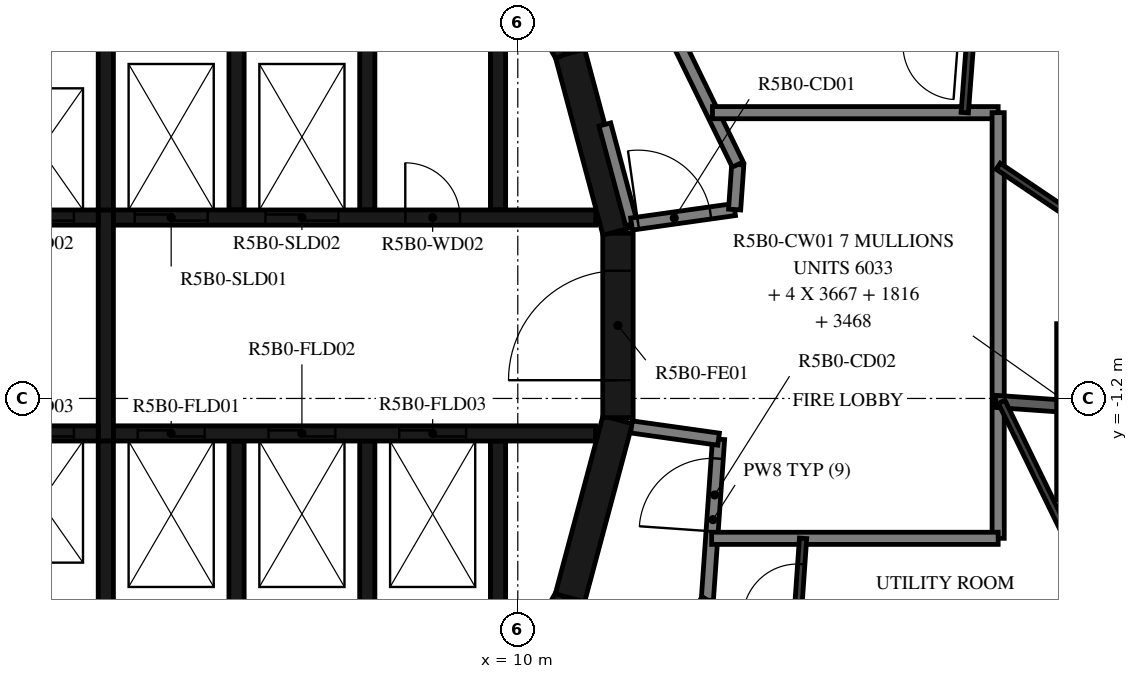
"""IFC4 building model, lengths in metres.
Left out: names, types, materials, properties, quantities, classifications, styles, units other than length and angle.
Written with IfcOpenShell. Run it as: python <this file> out.ifc"""

import sys

from ifc_helpers import new_model, si_unit, direction, frame, frame_2d, origin, place, context, subcontext, project, spatial, polyline, rectangle, outline, extrude, element, fill, save


model = new_model("IFC4")
c1 = context("Model", 3, precision=1e-05, world=origin(), true_north=direction((0.0, 1.0)))
c2 = subcontext(c1, "Body", "Model", "MODEL_VIEW")
j1 = project(units=[si_unit("LENGTHUNIT", "METRE"), si_unit("PLANEANGLEUNIT", "RADIAN")], contexts=[c1])
p1 = place(None, origin())
s1 = spatial("IfcSite", under=j1, at=p1, CompositionType="ELEMENT")
p2 = place(p1, origin())
s2 = spatial("IfcBuilding", under=s1, at=p2, CompositionType="ELEMENT")
p3 = place(p2, frame((0.0, 0.0, 202.4)))
s3 = spatial("IfcBuildingStorey", under=s2, at=p3, CompositionType="ELEMENT", Elevation=202.4)
for number, where, z_axis, x_axis in (
    (1, (9.329, -7.137, 0.0), (0.0, 0.0, 1.0), (0.5, 0.866, 0.0)),
    (2, (10.858, -4.479, 0.0), (0.0, 0.0, 1.0), (0.259, 0.966, 0.0)),
):
    element("IfcWall", number, at=place(p3, frame(where, z_axis=z_axis, x_axis=x_axis)), inside=s3, PredefinedType="SHEAR", context=c2, shape_type="SweptSolid", body=[
        extrude(rectangle(XDim=3.033, YDim=0.5, at=frame_2d((1.516, 0.0))), origin(), (0.0, 0.0, 1.0), 3.12),
    ])
p4 = place(p3, frame((11.647, -1.516, 0.0), z_axis=(0.0, 0.0, 1.0), x_axis=(0.0, 1.0, 0.0)))
e3 = element("IfcWall", 3, at=p4, inside=s3, PredefinedType="SHEAR", context=c2, shape_type="SweptSolid", body=[
    extrude(rectangle(XDim=3.033, YDim=0.5, at=frame_2d((1.516, 0.0))), origin(), (0.0, 0.0, 1.0), 3.12),
])
p5 = place(p4, frame((0.616, 0.0, 0.0)))
e4 = element("IfcOpeningElement", 4, at=p5, cuts=e3, PredefinedType="OPENING", context=c2, shape_type="SweptSolid", body=[
    extrude(rectangle(XDim=1.8, YDim=2.1, at=frame_2d((0.9, 1.05))), frame((0.0, 0.26, 0.0), z_axis=(0.0, -1.0, 0.0), x_axis=(1.0, 0.0, 0.0)), (0.0, 0.0, 1.0), 0.52),
])
for number, where, z_axis, x_axis in (
    (5, (11.643, 1.55, 0.0), (0.0, 0.0, 1.0), (-0.259, 0.966, 0.0)),
    (6, (10.845, 4.51, 0.0), (0.0, 0.0, 1.0), (-0.5, 0.866, 0.0)),
):
    element("IfcWall", number, at=place(p3, frame(where, z_axis=z_axis, x_axis=x_axis)), inside=s3, PredefinedType="SHEAR", context=c2, shape_type="SweptSolid", body=[
        extrude(rectangle(XDim=3.033, YDim=0.5, at=frame_2d((1.516, 0.0))), origin(), (0.0, 0.0, 1.0), 3.12),
    ])
p6 = place(p3, origin())
e7 = element("IfcWall", 7, at=p6, inside=s3, PredefinedType="SHEAR", context=c2, shape_type="SweptSolid", body=[
    extrude(outline(polyline([(-9.55, 4.8), (-1.2, 4.8), (-1.2, 1.9), (-0.95, 1.9), (-0.95, 4.8), (0.95, 4.8), (0.95, 1.9), (1.2, 1.9), (1.2, 4.8), (3.1, 4.8), (3.1, 1.9), (3.35, 1.9), (3.35, 4.8), (5.25, 4.8), (5.25, 1.9), (5.5, 1.9), (5.5, 4.8), (7.4, 4.8), (7.4, 1.9), (7.65, 1.9), (7.65, 4.8), (9.55, 4.8), (9.55, 1.9), (9.8, 1.9), (9.8, 4.8), (9.8, 5.05), (-9.8, 5.05), (-9.8, 4.8), (-9.8, 1.9), (-9.55, 1.9), (-9.55, 4.8)])), origin(), (0.0, 0.0, 1.0), 3.12),
])
p7 = place(p3, origin())
e8 = element("IfcWall", 8, at=p7, inside=s3, PredefinedType="SHEAR", context=c2, shape_type="SweptSolid", body=[
    extrude(outline(polyline([(9.8, -5.05), (9.8, -4.8), (9.8, -1.9), (9.55, -1.9), (9.55, -4.8), (7.65, -4.8), (7.65, -1.9), (7.4, -1.9), (7.4, -4.8), (5.5, -4.8), (5.5, -1.9), (5.25, -1.9), (5.25, -4.8), (3.35, -4.8), (3.35, -1.9), (3.1, -1.9), (3.1, -4.8), (1.2, -4.8), (1.2, -1.9), (0.95, -1.9), (0.95, -4.8), (-0.95, -4.8), (-0.95, -1.9), (-1.2, -1.9), (-1.2, -4.8), (-3.1, -4.8), (-3.1, -1.9), (-3.35, -1.9), (-3.35, -4.8), (-5.25, -4.8), (-5.25, -1.9), (-5.5, -1.9), (-5.5, -4.8), (-7.4, -4.8), (-7.4, -1.9), (-7.65, -1.9), (-7.65, -4.8), (-9.55, -4.8), (-9.55, -1.9), (-9.8, -1.9), (-9.8, -4.8), (-9.8, -5.05), (9.8, -5.05)])), origin(), (0.0, 0.0, 1.0), 3.12),
])
p8 = place(p3, frame((-11.28, 1.775, 0.0), z_axis=(0.0, 0.0, 1.0), x_axis=(1.0, 0.0, 0.0)))
e9 = element("IfcWall", 9, at=p8, inside=s3, PredefinedType="SHEAR", context=c2, shape_type="SweptSolid", body=[
    extrude(rectangle(XDim=14.38, YDim=0.25, at=frame_2d((7.19, 0.0))), origin(), (0.0, 0.0, 1.0), 3.12),
])
p9 = place(p8, frame((10.73, 0.0, 0.0)))
e10 = element("IfcOpeningElement", 10, at=p9, cuts=e9, PredefinedType="OPENING", context=c2, shape_type="SweptSolid", body=[
    extrude(rectangle(XDim=1.1, YDim=2.1, at=frame_2d((0.55, 1.05))), frame((0.0, 0.135, 0.0), z_axis=(0.0, -1.0, 0.0), x_axis=(1.0, 0.0, 0.0)), (0.0, 0.0, 1.0), 0.27),
])
p10 = place(p8, frame((12.88, 0.0, 0.0)))
e11 = element("IfcOpeningElement", 11, at=p10, cuts=e9, PredefinedType="OPENING", context=c2, shape_type="SweptSolid", body=[
    extrude(rectangle(XDim=1.1, YDim=2.1, at=frame_2d((0.55, 1.05))), frame((0.0, 0.135, 0.0), z_axis=(0.0, -1.0, 0.0), x_axis=(1.0, 0.0, 0.0)), (0.0, 0.0, 1.0), 0.27),
])
p11 = place(p8, frame((5.455, 0.0, 0.0)))
e12 = element("IfcOpeningElement", 12, at=p11, cuts=e9, PredefinedType="OPENING", context=c2, shape_type="SweptSolid", body=[
    extrude(rectangle(XDim=0.9, YDim=2.1, at=frame_2d((0.45, 1.05))), frame((0.0, 0.135, 0.0), z_axis=(0.0, -1.0, 0.0), x_axis=(1.0, 0.0, 0.0)), (0.0, 0.0, 1.0), 0.27),
])
p12 = place(p3, frame((3.35, 1.775, 0.0), z_axis=(0.0, 0.0, 1.0), x_axis=(1.0, 0.0, 0.0)))
e13 = element("IfcWall", 13, at=p12, inside=s3, PredefinedType="SHEAR", context=c2, shape_type="SweptSolid", body=[
    extrude(rectangle(XDim=7.93, YDim=0.25, at=frame_2d((3.965, 0.0))), origin(), (0.0, 0.0, 1.0), 3.12),
])
p13 = place(p12, frame((0.35, 0.0, 0.0)))
e14 = element("IfcOpeningElement", 14, at=p13, cuts=e13, PredefinedType="OPENING", context=c2, shape_type="SweptSolid", body=[
    extrude(rectangle(XDim=1.2, YDim=2.4, at=frame_2d((0.6, 1.2))), frame((0.0, 0.135, 0.0), z_axis=(0.0, -1.0, 0.0), x_axis=(1.0, 0.0, 0.0)), (0.0, 0.0, 1.0), 0.27),
])
p14 = place(p12, frame((2.5, 0.0, 0.0)))
e15 = element("IfcOpeningElement", 15, at=p14, cuts=e13, PredefinedType="OPENING", context=c2, shape_type="SweptSolid", body=[
    extrude(rectangle(XDim=1.2, YDim=2.4, at=frame_2d((0.6, 1.2))), frame((0.0, 0.135, 0.0), z_axis=(0.0, -1.0, 0.0), x_axis=(1.0, 0.0, 0.0)), (0.0, 0.0, 1.0), 0.27),
])
p15 = place(p12, frame((4.8, 0.0, 0.0)))
e16 = element("IfcOpeningElement", 16, at=p15, cuts=e13, PredefinedType="OPENING", context=c2, shape_type="SweptSolid", body=[
    extrude(rectangle(XDim=0.9, YDim=2.1, at=frame_2d((0.45, 1.05))), frame((0.0, 0.135, 0.0), z_axis=(0.0, -1.0, 0.0), x_axis=(1.0, 0.0, 0.0)), (0.0, 0.0, 1.0), 0.27),
])
p16 = place(p3, frame((-11.28, -1.775, 0.0), z_axis=(0.0, 0.0, 1.0), x_axis=(1.0, 0.0, 0.0)))
e17 = element("IfcWall", 17, at=p16, inside=s3, PredefinedType="SHEAR", context=c2, shape_type="SweptSolid", body=[
    extrude(rectangle(XDim=14.38, YDim=0.25, at=frame_2d((7.19, 0.0))), origin(), (0.0, 0.0, 1.0), 3.12),
])
p17 = place(p16, frame((12.88, 0.0, 0.0)))
e18 = element("IfcOpeningElement", 18, at=p17, cuts=e17, PredefinedType="OPENING", context=c2, shape_type="SweptSolid", body=[
    extrude(rectangle(XDim=1.1, YDim=2.1, at=frame_2d((0.55, 1.05))), frame((0.0, 0.135, 0.0), z_axis=(0.0, -1.0, 0.0), x_axis=(1.0, 0.0, 0.0)), (0.0, 0.0, 1.0), 0.27),
])
p18 = place(p16, frame((6.53, 0.0, 0.0)))
e19 = element("IfcOpeningElement", 19, at=p18, cuts=e17, PredefinedType="OPENING", context=c2, shape_type="SweptSolid", body=[
    extrude(rectangle(XDim=0.9, YDim=2.1, at=frame_2d((0.45, 1.05))), frame((0.0, 0.135, 0.0), z_axis=(0.0, -1.0, 0.0), x_axis=(1.0, 0.0, 0.0)), (0.0, 0.0, 1.0), 0.27),
])
p19 = place(p16, frame((8.68, 0.0, 0.0)))
e20 = element("IfcOpeningElement", 20, at=p19, cuts=e17, PredefinedType="OPENING", context=c2, shape_type="SweptSolid", body=[
    extrude(rectangle(XDim=0.9, YDim=2.1, at=frame_2d((0.45, 1.05))), frame((0.0, 0.135, 0.0), z_axis=(0.0, -1.0, 0.0), x_axis=(1.0, 0.0, 0.0)), (0.0, 0.0, 1.0), 0.27),
])
p20 = place(p16, frame((10.83, 0.0, 0.0)))
e21 = element("IfcOpeningElement", 21, at=p20, cuts=e17, PredefinedType="OPENING", context=c2, shape_type="SweptSolid", body=[
    extrude(rectangle(XDim=0.9, YDim=2.1, at=frame_2d((0.45, 1.05))), frame((0.0, 0.135, 0.0), z_axis=(0.0, -1.0, 0.0), x_axis=(1.0, 0.0, 0.0)), (0.0, 0.0, 1.0), 0.27),
])
p21 = place(p3, frame((3.35, -1.775, 0.0), z_axis=(0.0, 0.0, 1.0), x_axis=(1.0, 0.0, 0.0)))
e22 = element("IfcWall", 22, at=p21, inside=s3, PredefinedType="SHEAR", context=c2, shape_type="SweptSolid", body=[
    extrude(rectangle(XDim=7.93, YDim=0.25, at=frame_2d((3.965, 0.0))), origin(), (0.0, 0.0, 1.0), 3.12),
])
p22 = place(p21, frame((0.4, 0.0, 0.0)))
e23 = element("IfcOpeningElement", 23, at=p22, cuts=e22, PredefinedType="OPENING", context=c2, shape_type="SweptSolid", body=[
    extrude(rectangle(XDim=1.1, YDim=2.4, at=frame_2d((0.55, 1.2))), frame((0.0, 0.135, 0.0), z_axis=(0.0, -1.0, 0.0), x_axis=(1.0, 0.0, 0.0)), (0.0, 0.0, 1.0), 0.27),
])
p23 = place(p21, frame((2.55, 0.0, 0.0)))
e24 = element("IfcOpeningElement", 24, at=p23, cuts=e22, PredefinedType="OPENING", context=c2, shape_type="SweptSolid", body=[
    extrude(rectangle(XDim=1.1, YDim=2.4, at=frame_2d((0.55, 1.2))), frame((0.0, 0.135, 0.0), z_axis=(0.0, -1.0, 0.0), x_axis=(1.0, 0.0, 0.0)), (0.0, 0.0, 1.0), 0.27),
])
p24 = place(p21, frame((4.7, 0.0, 0.0)))
e25 = element("IfcOpeningElement", 25, at=p24, cuts=e22, PredefinedType="OPENING", context=c2, shape_type="SweptSolid", body=[
    extrude(rectangle(XDim=1.1, YDim=2.4, at=frame_2d((0.55, 1.2))), frame((0.0, 0.135, 0.0), z_axis=(0.0, -1.0, 0.0), x_axis=(1.0, 0.0, 0.0)), (0.0, 0.0, 1.0), 0.27),
])
p25 = place(p3, frame((3.225, -1.9, 0.0), z_axis=(0.0, 0.0, 1.0), x_axis=(0.0, 1.0, 0.0)))
e26 = element("IfcWall", 26, at=p25, inside=s3, PredefinedType="SHEAR", context=c2, shape_type="SweptSolid", body=[
    extrude(rectangle(XDim=3.8, YDim=0.25, at=frame_2d((1.9, 0.0))), origin(), (0.0, 0.0, 1.0), 3.12),
])
p26 = place(p3, frame((11.87, 1.668, 0.0), z_axis=(0.0, 0.0, 1.0), x_axis=(-0.258836880648, 0.965921047093, 0.0)))
e27 = element("IfcWall", 27, at=p26, inside=s3, PredefinedType="STANDARD", context=c2, shape_type="SweptSolid", body=[
    extrude(rectangle(XDim=1.695, YDim=0.2, at=frame_2d((0.848, 0.0))), origin(), (0.0, 0.0, 1.0), 3.12),
])
p27 = place(p3, frame((11.87, 1.668, 0.0), z_axis=(0.0, 0.0, 1.0), x_axis=(0.990271931984, 0.139145609792, 0.0)))
e28 = element("IfcWall", 28, at=p27, inside=s3, PredefinedType="STANDARD", context=c2, shape_type="SweptSolid", body=[
    extrude(rectangle(XDim=1.712, YDim=0.2, at=frame_2d((0.856, 0.0))), origin(), (0.0, 0.0, 1.0), 3.12),
])
p28 = place(p27, frame((0.11, 0.0, 0.0)))
e29 = element("IfcOpeningElement", 29, at=p28, cuts=e28, PredefinedType="OPENING", context=c2, shape_type="SweptSolid", body=[
    extrude(rectangle(XDim=1.2, YDim=2.1, at=frame_2d((0.6, 1.05))), frame((0.0, 0.11, 0.0), z_axis=(0.0, -1.0, 0.0), x_axis=(1.0, 0.0, 0.0)), (0.0, 0.0, 1.0), 0.22),
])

────────────────────

**TASK BRIEF:**
Scan the material for "units" and copy the lines that hold it.

**TASK SOLUTION:**
Left out: names, types, materials, properties, quantities, classifications, styles, units other than length and angle.
j1 = project(units=[si_unit("LENGTHUNIT", "METRE"), si_unit("PLANEANGLEUNIT", "RADIAN")], contexts=[c1])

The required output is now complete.